Task instructions:
The expected result is a verbatim repetition of the lines from the start of the entries through the line containing "world=origin(), true_north=direction((0.0, 1.0)))", with the pictures removed.

* * * * * * *

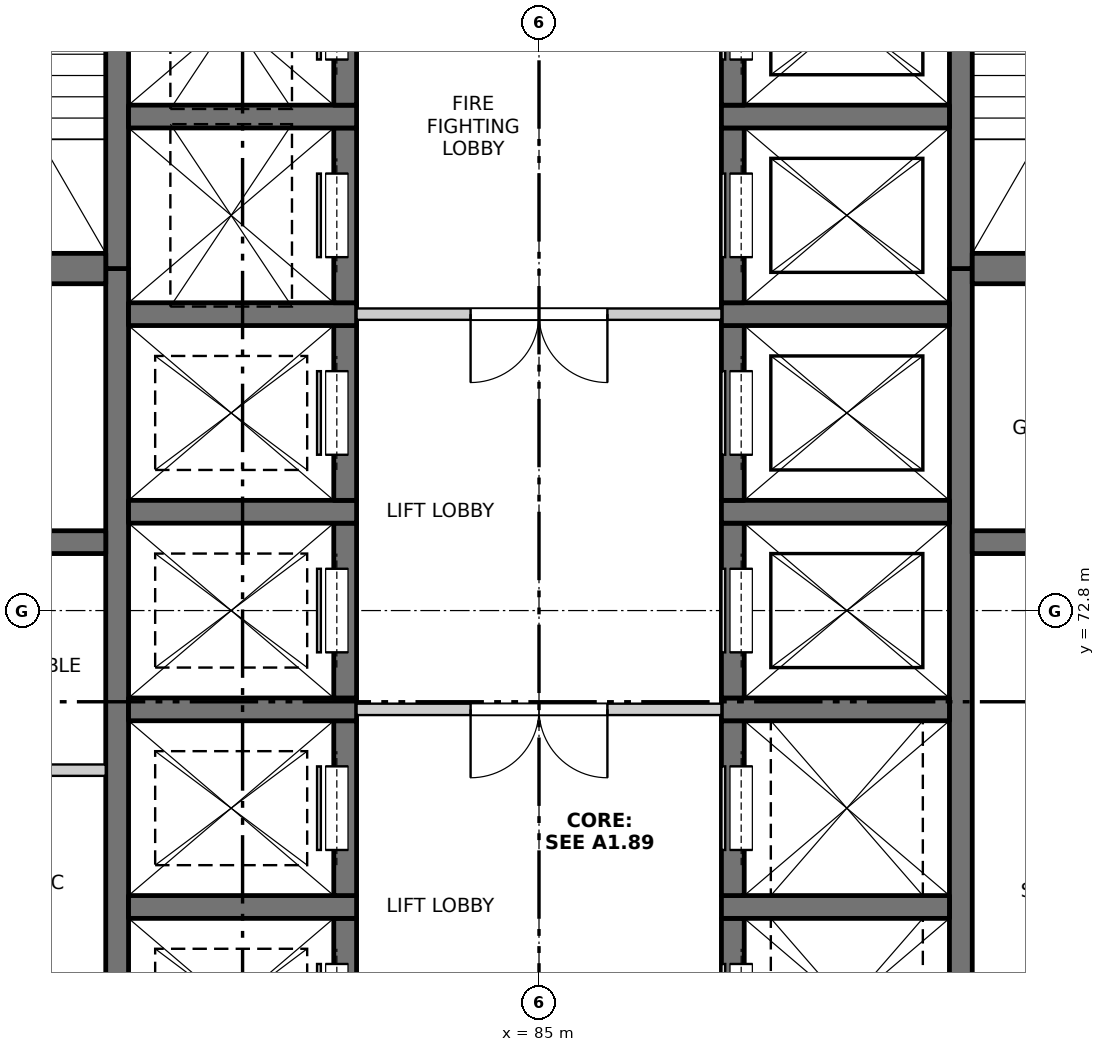
"""IFC4 building model, lengths in metres.
Left out: names, types, materials, properties, quantities, classifications, styles, units other than length and angle.
Written with IfcOpenShell. Run it as: python <this file> out.ifc"""

import sys

from ifc_helpers import new_model, si_unit, direction, frame, frame_2d, origin, place, context, subcontext, project, spatial, rectangle, extrude, element, fill, save


model = new_model("IFC4")
c1 = context("Model", 3, precision=1e-05, world=origin(), true_north=direction((0.0, 1.0)))
c2 = subcontext(c1, "Body", "Model", "MODEL_VIEW")
j1 = project(units=[si_unit("LENGTHUNIT", "METRE"), si_unit("PLANEANGLEUNIT", "RADIAN")], contexts=[c1])
p1 = place(None, origin())
s1 = spatial("IfcSite", under=j1, at=p1, CompositionType="ELEMENT")
p2 = place(p1, origin())
s2 = spatial("IfcBuilding", under=s1, at=p2, CompositionType="ELEMENT")
p3 = place(p2, frame((0.0, 0.0, 133.9)))
s3 = spatial("IfcBuildingStorey", under=s2, at=p3, CompositionType="ELEMENT", Elevation=133.9)
p4 = place(p3, frame((79.45, 60.95, -0.25), z_axis=(0.0, 0.0, 1.0), x_axis=(0.0, 1.0, 0.0)))
e1 = element("IfcWall", 1, at=p4, inside=s3, PredefinedType="SOLIDWALL", context=c2, shape_type="SweptSolid", body=[
    extrude(rectangle(XDim=16.35, YDim=0.3, at=frame_2d((8.175, 0.0))), origin(), (0.0, 0.0, 1.0), 3.4),
])
p5 = place(p3, frame((79.45, 77.3, -0.25), z_axis=(0.0, 0.0, 1.0), x_axis=(0.0, 1.0, 0.0)))
e2 = element("IfcWall", 2, at=p5, inside=s3, PredefinedType="SOLIDWALL", context=c2, shape_type="SweptSolid", body=[
    extrude(rectangle(XDim=6.925, YDim=0.3, at=frame_2d((3.462, 0.0))), origin(), (0.0, 0.0, 1.0), 3.4),
])
p6 = place(p3, frame((90.55, 61.95, -0.25), z_axis=(0.0, 0.0, 1.0), x_axis=(0.0, 1.0, 0.0)))
e3 = element("IfcWall", 3, at=p6, inside=s3, PredefinedType="SOLIDWALL", context=c2, shape_type="SweptSolid", body=[
    extrude(rectangle(XDim=15.35, YDim=0.3, at=frame_2d((7.675, 0.0))), origin(), (0.0, 0.0, 1.0), 3.4),
])
p7 = place(p3, frame((90.55, 77.3, -0.25), z_axis=(0.0, 0.0, 1.0), x_axis=(0.0, 1.0, 0.0)))
e4 = element("IfcWall", 4, at=p7, inside=s3, PredefinedType="SOLIDWALL", context=c2, shape_type="SweptSolid", body=[
    extrude(rectangle(XDim=6.925, YDim=0.3, at=frame_2d((3.462, 0.0))), origin(), (0.0, 0.0, 1.0), 3.4),
])
p8 = place(p3, frame((82.45, 66.45, -0.25), z_axis=(0.0, 0.0, 1.0), x_axis=(0.0, 1.0, 0.0)))
e5 = element("IfcWall", 5, at=p8, inside=s3, PredefinedType="SOLIDWALL", context=c2, shape_type="SweptSolid", body=[
    extrude(rectangle(XDim=2.3, YDim=0.3, at=frame_2d((1.15, 0.0))), origin(), (0.0, 0.0, 1.0), 3.4),
])
p9 = place(p8, frame((0.6, 0.0, 0.25)))
e6 = element("IfcOpeningElement", 6, at=p9, cuts=e5, PredefinedType="OPENING", context=c2, shape_type="SweptSolid", body=[
    extrude(rectangle(XDim=1.1, YDim=2.1, at=frame_2d((0.55, 1.05))), frame((0.0, 0.16, 0.0), z_axis=(0.0, -1.0, 0.0), x_axis=(1.0, 0.0, 0.0)), (0.0, 0.0, 1.0), 0.32),
])
p10 = place(p3, frame((79.6, 68.9, -0.25), z_axis=(0.0, 0.0, 1.0), x_axis=(1.0, 0.0, 0.0)))
e7 = element("IfcWall", 7, at=p10, inside=s3, PredefinedType="SOLIDWALL", context=c2, shape_type="SweptSolid", body=[
    extrude(rectangle(XDim=3.0, YDim=0.3, at=frame_2d((1.5, 0.0))), origin(), (0.0, 0.0, 1.0), 3.4),
])
p11 = place(p3, frame((82.45, 69.05, -0.25), z_axis=(0.0, 0.0, 1.0), x_axis=(0.0, 1.0, 0.0)))
e8 = element("IfcWall", 8, at=p11, inside=s3, PredefinedType="SOLIDWALL", context=c2, shape_type="SweptSolid", body=[
    extrude(rectangle(XDim=2.3, YDim=0.3, at=frame_2d((1.15, 0.0))), origin(), (0.0, 0.0, 1.0), 3.4),
])
p12 = place(p11, frame((0.6, 0.0, 0.25)))
e9 = element("IfcOpeningElement", 9, at=p12, cuts=e8, PredefinedType="OPENING", context=c2, shape_type="SweptSolid", body=[
    extrude(rectangle(XDim=1.1, YDim=2.1, at=frame_2d((0.55, 1.05))), frame((0.0, 0.16, 0.0), z_axis=(0.0, -1.0, 0.0), x_axis=(1.0, 0.0, 0.0)), (0.0, 0.0, 1.0), 0.32),
])
p13 = place(p3, frame((79.6, 71.5, -0.25), z_axis=(0.0, 0.0, 1.0), x_axis=(1.0, 0.0, 0.0)))
e10 = element("IfcWall", 10, at=p13, inside=s3, PredefinedType="SOLIDWALL", context=c2, shape_type="SweptSolid", body=[
    extrude(rectangle(XDim=3.0, YDim=0.3, at=frame_2d((1.5, 0.0))), origin(), (0.0, 0.0, 1.0), 3.4),
])
p14 = place(p3, frame((82.45, 71.65, -0.25), z_axis=(0.0, 0.0, 1.0), x_axis=(0.0, 1.0, 0.0)))
e11 = element("IfcWall", 11, at=p14, inside=s3, PredefinedType="SOLIDWALL", context=c2, shape_type="SweptSolid", body=[
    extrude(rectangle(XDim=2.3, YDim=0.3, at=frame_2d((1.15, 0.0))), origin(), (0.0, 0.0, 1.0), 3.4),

* * * * * * *

Response box:
"""IFC4 building model, lengths in metres.
Left out: names, types, materials, properties, quantities, classifications, styles, units other than length and angle.
Written with IfcOpenShell. Run it as: python <this file> out.ifc"""

import sys

from ifc_helpers import new_model, si_unit, direction, frame, frame_2d, origin, place, context, subcontext, project, spatial, rectangle, extrude, element, fill, save


model = new_model("IFC4")
c1 = context("Model", 3, precision=1e-05, world=origin(), true_north=direction((0.0, 1.0)))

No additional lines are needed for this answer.